**TASK DIRECTIONS:**
Hunt through the entries for the word "project" and copy each line in which it appears.

SOURCE MATERIAL START

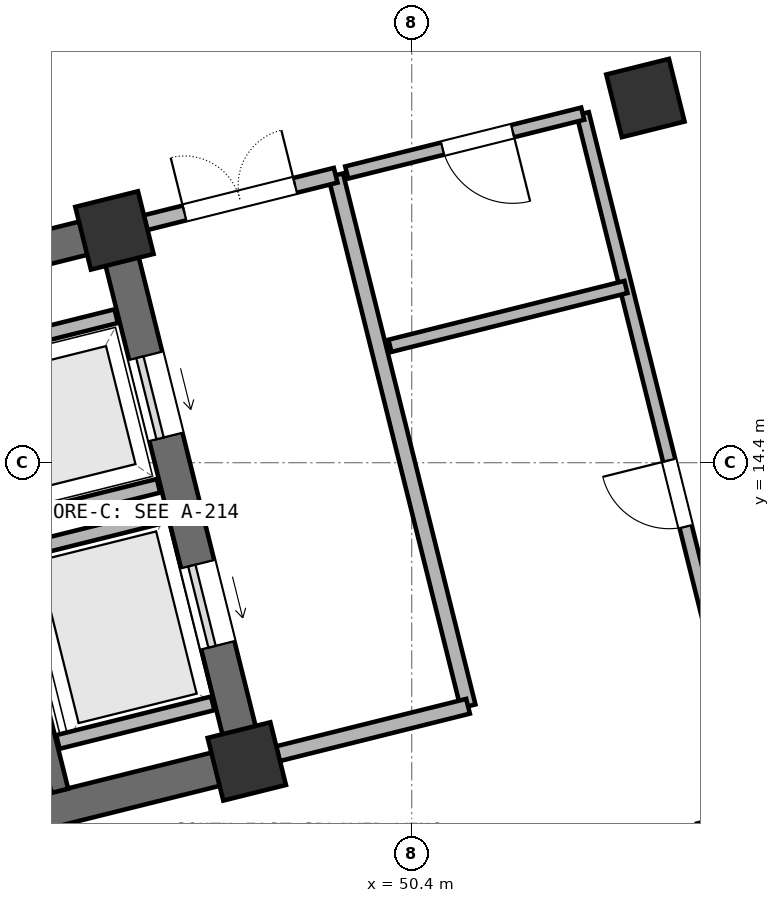
"""IFC4 building model, lengths in metres.
Left out: names, types, materials, properties, quantities, classifications, styles, units other than length and angle.
Written with IfcOpenShell. Run it as: python <this file> out.ifc"""

import sys

from ifc_helpers import new_model, si_unit, direction, frame, frame_2d, origin, origin_2d, place, context, subcontext, project, spatial, rectangle, extrude, element, fill, save


model = new_model("IFC4")
c1 = context("Model", 3, precision=1e-05, world=origin(), true_north=direction((0.0, 1.0)))
c2 = subcontext(c1, "Body", "Model", "MODEL_VIEW")
j1 = project(units=[si_unit("LENGTHUNIT", "METRE"), si_unit("PLANEANGLEUNIT", "RADIAN")], contexts=[c1])
p1 = place(None, origin())
s1 = spatial("IfcSite", under=j1, at=p1, CompositionType="ELEMENT")
p2 = place(p1, origin())
s2 = spatial("IfcBuilding", under=s1, at=p2, CompositionType="ELEMENT")
p3 = place(p2, origin())
s3 = spatial("IfcBuildingStorey", under=s2, at=p3, CompositionType="ELEMENT", Elevation=0.0)
for number, where, z_axis, x_axis in (
    (1, (48.23, 10.47, 0.0), (0.0, 0.0, 1.0), (0.97, 0.242, 0.0)),
    (2, (46.489, 17.456, 0.0), (0.0, 0.0, 1.0), (0.97, 0.242, 0.0)),
    (3, (53.475, 19.198, 0.0), (0.0, 0.0, 1.0), (0.97, 0.242, 0.0)),
):
    element("IfcColumn", number, at=place(p3, frame(where, z_axis=z_axis, x_axis=x_axis)), inside=s3, PredefinedType="COLUMN", context=c2, shape_type="SweptSolid", body=[
        extrude(rectangle(XDim=0.85, YDim=0.85, at=origin_2d()), origin(), (0.0, 0.0, 1.0), 5.4),
    ])
p4 = place(p3, frame((41.584, 8.813, 0.0), z_axis=(0.0, 0.0, 1.0), x_axis=(0.970294759049, 0.241925774902, 0.0)))
e4 = element("IfcWall", 4, at=p4, inside=s3, PredefinedType="SHEAR", context=c2, shape_type="SweptSolid", body=[
    extrude(rectangle(XDim=6.5, YDim=0.45, at=frame_2d((3.25, 0.0))), origin(), (0.0, 0.0, 1.0), 5.4),
])
p5 = place(p3, frame((48.146, 10.809, 0.0), z_axis=(0.0, 0.0, 1.0), x_axis=(-0.241925774902, 0.970294759049, 0.0)))
e5 = element("IfcWall", 5, at=p5, inside=s3, PredefinedType="SHEAR", context=c2, shape_type="SweptSolid", body=[
    extrude(rectangle(XDim=6.5, YDim=0.45, at=frame_2d((3.25, 0.0))), origin(), (0.0, 0.0, 1.0), 5.4),
])
p6 = place(p5, frame((1.225, 0.0, 0.0)))
e6 = element("IfcOpeningElement", 6, at=p6, cuts=e5, PredefinedType="OPENING", context=c2, shape_type="SweptSolid", body=[
    extrude(rectangle(XDim=1.1, YDim=2.2, at=frame_2d((0.55, 1.1))), frame((0.0, 0.235, 0.0), z_axis=(0.0, -1.0, 0.0), x_axis=(1.0, 0.0, 0.0)), (0.0, 0.0, 1.0), 0.47),
])
p7 = place(p5, frame((4.05, 0.0, 0.0)))
e7 = element("IfcOpeningElement", 7, at=p7, cuts=e5, PredefinedType="OPENING", context=c2, shape_type="SweptSolid", body=[
    extrude(rectangle(XDim=1.1, YDim=2.2, at=frame_2d((0.55, 1.1))), frame((0.0, 0.235, 0.0), z_axis=(0.0, -1.0, 0.0), x_axis=(1.0, 0.0, 0.0)), (0.0, 0.0, 1.0), 0.47),
])
p8 = place(p3, frame((46.149, 17.371, 0.0), z_axis=(0.0, 0.0, 1.0), x_axis=(-0.970294759049, -0.241925774902, 0.0)))
e8 = element("IfcWall", 8, at=p8, inside=s3, PredefinedType="SHEAR", context=c2, shape_type="SweptSolid", body=[
    extrude(rectangle(XDim=6.5, YDim=0.45, at=frame_2d((3.25, 0.0))), origin(), (0.0, 0.0, 1.0), 5.4),
])
p9 = place(p8, frame((3.6, 0.0, 0.0)))
e9 = element("IfcOpeningElement", 9, at=p9, cuts=e8, PredefinedType="OPENING", context=c2, shape_type="SweptSolid", body=[
    extrude(rectangle(XDim=1.2, YDim=2.2, at=frame_2d((0.6, 1.1))), frame((0.0, 0.235, 0.0), z_axis=(0.0, -1.0, 0.0), x_axis=(1.0, 0.0, 0.0)), (0.0, 0.0, 1.0), 0.47),
])
p10 = place(p3, frame((45.771, 10.083, 0.0), z_axis=(0.0, 0.0, 1.0), x_axis=(-0.241898249226, 0.970301621673, 0.0)))
e10 = element("IfcWall", 10, at=p10, inside=s3, PredefinedType="SHEAR", context=c2, shape_type="SweptSolid", body=[
    extrude(rectangle(XDim=6.76, YDim=0.225, at=frame_2d((3.38, 0.0))), origin(), (0.0, 0.0, 1.0), 5.4),
])
for number, where, z_axis, x_axis in (
    (11, (45.745, 10.726, 0.0), (0.0, 0.0, 1.0), (0.97, 0.242, 0.0)),
    (12, (45.128, 13.2, 0.0), (0.0, 0.0, 1.0), (0.97, 0.242, 0.0)),
    (13, (45.031, 13.588, 0.0), (0.0, 0.0, 1.0), (0.97, 0.242, 0.0)),
    (14, (44.475, 15.82, 0.0), (0.0, 0.0, 1.0), (0.97, 0.242, 0.0)),
):
    element("IfcWall", number, at=place(p3, frame(where, z_axis=z_axis, x_axis=x_axis)), inside=s3, PredefinedType="PARTITIONING", context=c2, shape_type="SweptSolid", body=[
        extrude(rectangle(XDim=2.1, YDim=0.185, at=frame_2d((1.05, 0.0))), origin(), (0.0, 0.0, 1.0), 5.4),
    ])
p11 = place(p3, frame((51.141, 11.196, 0.0), z_axis=(0.0, 0.0, 1.0), x_axis=(-0.241937193493, 0.970291911955, 0.0)))
e15 = element("IfcWall", 15, at=p11, inside=s3, PredefinedType="PARTITIONING", context=c2, shape_type="SweptSolid", body=[
    extrude(rectangle(XDim=7.2, YDim=0.2, at=frame_2d((3.6, 0.0))), origin(), (0.0, 0.0, 1.0), 4.12),
])
p12 = place(p3, frame((48.638, 10.572, 0.0), z_axis=(0.0, 0.0, 1.0), x_axis=(0.970309259708, 0.2418676095, 0.0)))
e16 = element("IfcWall", 16, at=p12, inside=s3, PredefinedType="PARTITIONING", context=c2, shape_type="SweptSolid", body=[
    extrude(rectangle(XDim=2.58, YDim=0.2, at=frame_2d((1.29, 0.0))), origin(), (0.0, 0.0, 1.0), 4.12),
])
p13 = place(p3, frame((49.399, 18.182, 0.0), z_axis=(0.0, 0.0, 1.0), x_axis=(-0.970309259708, -0.2418676095, 0.0)))
e17 = element("IfcWall", 17, at=p13, inside=s3, PredefinedType="PARTITIONING", context=c2, shape_type="SweptSolid", body=[
    extrude(rectangle(XDim=2.58, YDim=0.2, at=frame_2d((1.29, 0.0))), origin(), (0.0, 0.0, 1.0), 4.12),
])
p14 = place(p13, frame((0.55, 0.0, 0.0)))
e18 = element("IfcOpeningElement", 18, at=p14, cuts=e17, PredefinedType="OPENING", context=c2, shape_type="SweptSolid", body=[
    extrude(rectangle(XDim=1.5, YDim=2.2, at=frame_2d((0.75, 1.1))), frame((0.0, 0.11, 0.0), z_axis=(0.0, -1.0, 0.0), x_axis=(1.0, 0.0, 0.0)), (0.0, 0.0, 1.0), 0.22),
])
p15 = place(p3, frame((54.392, 12.006, 0.0), z_axis=(0.0, 0.0, 1.0), x_axis=(-0.241937193493, 0.970291911955, 0.0)))
e19 = element("IfcWall", 19, at=p15, inside=s3, PredefinedType="PARTITIONING", context=c2, shape_type="SweptSolid", body=[
    extrude(rectangle(XDim=7.2, YDim=0.165, at=frame_2d((3.6, 0.0))), origin(), (0.0, 0.0, 1.0), 4.12),
])
p16 = place(p15, frame((1.6, 0.0, 0.0)))
e20 = element("IfcOpeningElement", 20, at=p16, cuts=e19, PredefinedType="OPENING", context=c2, shape_type="SweptSolid", body=[
    extrude(rectangle(XDim=0.9, YDim=2.15, at=frame_2d((0.45, 1.075))), frame((0.0, 0.093, 0.0), z_axis=(0.0, -1.0, 0.0), x_axis=(1.0, 0.0, 0.0)), (0.0, 0.0, 1.0), 0.185),
])
p17 = place(p3, frame((52.65, 18.992, 0.0), z_axis=(0.0, 0.0, 1.0), x_axis=(-0.970294894235, -0.241925232711, 0.0)))
e21 = element("IfcWall", 21, at=p17, inside=s3, PredefinedType="PARTITIONING", context=c2, shape_type="SweptSolid", body=[
    extrude(rectangle(XDim=3.2, YDim=0.165, at=frame_2d((1.6, 0.0))), origin(), (0.0, 0.0, 1.0), 4.12),
])
p18 = place(p17, frame((0.95, 0.0, 0.0)))
e22 = element("IfcOpeningElement", 22, at=p18, cuts=e21, PredefinedType="OPENING", context=c2, shape_type="SweptSolid", body=[
    extrude(rectangle(XDim=0.95, YDim=2.15, at=frame_2d((0.475, 1.075))), frame((0.0, 0.093, 0.0), z_axis=(0.0, -1.0, 0.0), x_axis=(1.0, 0.0, 0.0)), (0.0, 0.0, 1.0), 0.185),
])
p19 = place(p3, frame((50.114, 15.938, 0.0), z_axis=(0.0, 0.0, 1.0), x_axis=(0.970294894235, 0.241925232711, 0.0)))
e23 = element("IfcWall", 23, at=p19, inside=s3, PredefinedType="PARTITIONING", context=c2, shape_type="SweptSolid", body=[
    extrude(rectangle(XDim=3.2, YDim=0.165, at=frame_2d((1.6, 0.0))), origin(), (0.0, 0.0, 1.0), 4.12),
])
p20 = place(p3, frame((54.172, 9.581, 0.0), z_axis=(0.0, 0.0, 1.0), x_axis=(0.970297344298, 0.241915405976, 0.0)))
e24 = element("IfcWall", 24, at=p20, inside=s3, PredefinedType="PARTITIONING", context=c2, shape_type="SweptSolid", body=[
    extrude(rectangle(XDim=20.1, YDim=0.15, at=frame_2d((10.05, 0.0))), origin(), (0.0, 0.0, 1.0), 4.12),
])
p21 = place(p20, frame((1.65, 0.0, 0.0)))
e25 = element("IfcOpeningElement", 25, at=p21, cuts=e24, PredefinedType="OPENING", context=c2, shape_type="SweptSolid", body=[
    extrude(rectangle(XDim=1.6, YDim=2.2, at=frame_2d((0.8, 1.1))), frame((0.0, 0.085, 0.0), z_axis=(0.0, -1.0, 0.0), x_axis=(1.0, 0.0, 0.0)), (0.0, 0.0, 1.0), 0.17),
])
p22 = place(p6, origin())
e26 = element("IfcDoor", 26, at=p22, inside=s3, OperationType="SLIDING_TO_LEFT", PredefinedType="DOOR", context=c2, shape_type="SweptSolid", body=[
    extrude(rectangle(XDim=1.1, YDim=2.2, at=frame_2d((0.55, 1.1))), frame((0.0, 0.025, 0.0), z_axis=(0.0, -1.0, 0.0), x_axis=(1.0, 0.0, 0.0)), (0.0, 0.0, 1.0), 0.05),
])
fill(e6, e26)
p23 = place(p7, origin())
e27 = element("IfcDoor", 27, at=p23, inside=s3, OperationType="SLIDING_TO_LEFT", PredefinedType="DOOR", context=c2, shape_type="SweptSolid", body=[
    extrude(rectangle(XDim=1.1, YDim=2.2, at=frame_2d((0.55, 1.1))), frame((0.0, 0.025, 0.0), z_axis=(0.0, -1.0, 0.0), x_axis=(1.0, 0.0, 0.0)), (0.0, 0.0, 1.0), 0.05),
])
fill(e7, e27)
p24 = place(p14, frame((1.5, 0.0, 0.0), z_axis=(0.0, 0.0, 1.0), x_axis=(-1.0, 0.0, 0.0)))
e28 = element("IfcDoor", 28, at=p24, inside=s3, OperationType="DOUBLE_DOOR_SINGLE_SWING", PredefinedType="DOOR", context=c2, shape_type="SweptSolid", body=[
    extrude(rectangle(XDim=1.5, YDim=2.2, at=frame_2d((0.75, 1.1))), frame((0.0, 0.025, 0.0), z_axis=(0.0, -1.0, 0.0), x_axis=(1.0, 0.0, 0.0)), (0.0, 0.0, 1.0), 0.05),
])
fill(e18, e28)
p25 = place(p16, origin())
e29 = element("IfcDoor", 29, at=p25, inside=s3, OperationType="SINGLE_SWING_RIGHT", PredefinedType="DOOR", context=c2, shape_type="SweptSolid", body=[
    extrude(rectangle(XDim=0.9, YDim=2.15, at=frame_2d((0.45, 1.075))), frame((0.0, 0.025, 0.0), z_axis=(0.0, -1.0, 0.0), x_axis=(1.0, 0.0, 0.0)), (0.0, 0.0, 1.0), 0.05),
])
fill(e20, e29)
p26 = place(p18, origin())
e30 = element("IfcDoor", 30, at=p26, inside=s3, OperationType="SINGLE_SWING_LEFT", PredefinedType="DOOR", context=c2, shape_type="SweptSolid", body=[
    extrude(rectangle(XDim=0.95, YDim=2.15, at=frame_2d((0.475, 1.075))), frame((0.0, 0.025, 0.0), z_axis=(0.0, -1.0, 0.0), x_axis=(1.0, 0.0, 0.0)), (0.0, 0.0, 1.0), 0.05),
])
fill(e22, e30)
save(model, sys.argv[1])

SOURCE MATERIAL END

**OUTPUT:**
from ifc_helpers import new_model, si_unit, direction, frame, frame_2d, origin, origin_2d, place, context, subcontext, project, spatial, rectangle, extrude, element, fill, save
j1 = project(units=[si_unit("LENGTHUNIT", "METRE"), si_unit("PLANEANGLEUNIT", "RADIAN")], contexts=[c1])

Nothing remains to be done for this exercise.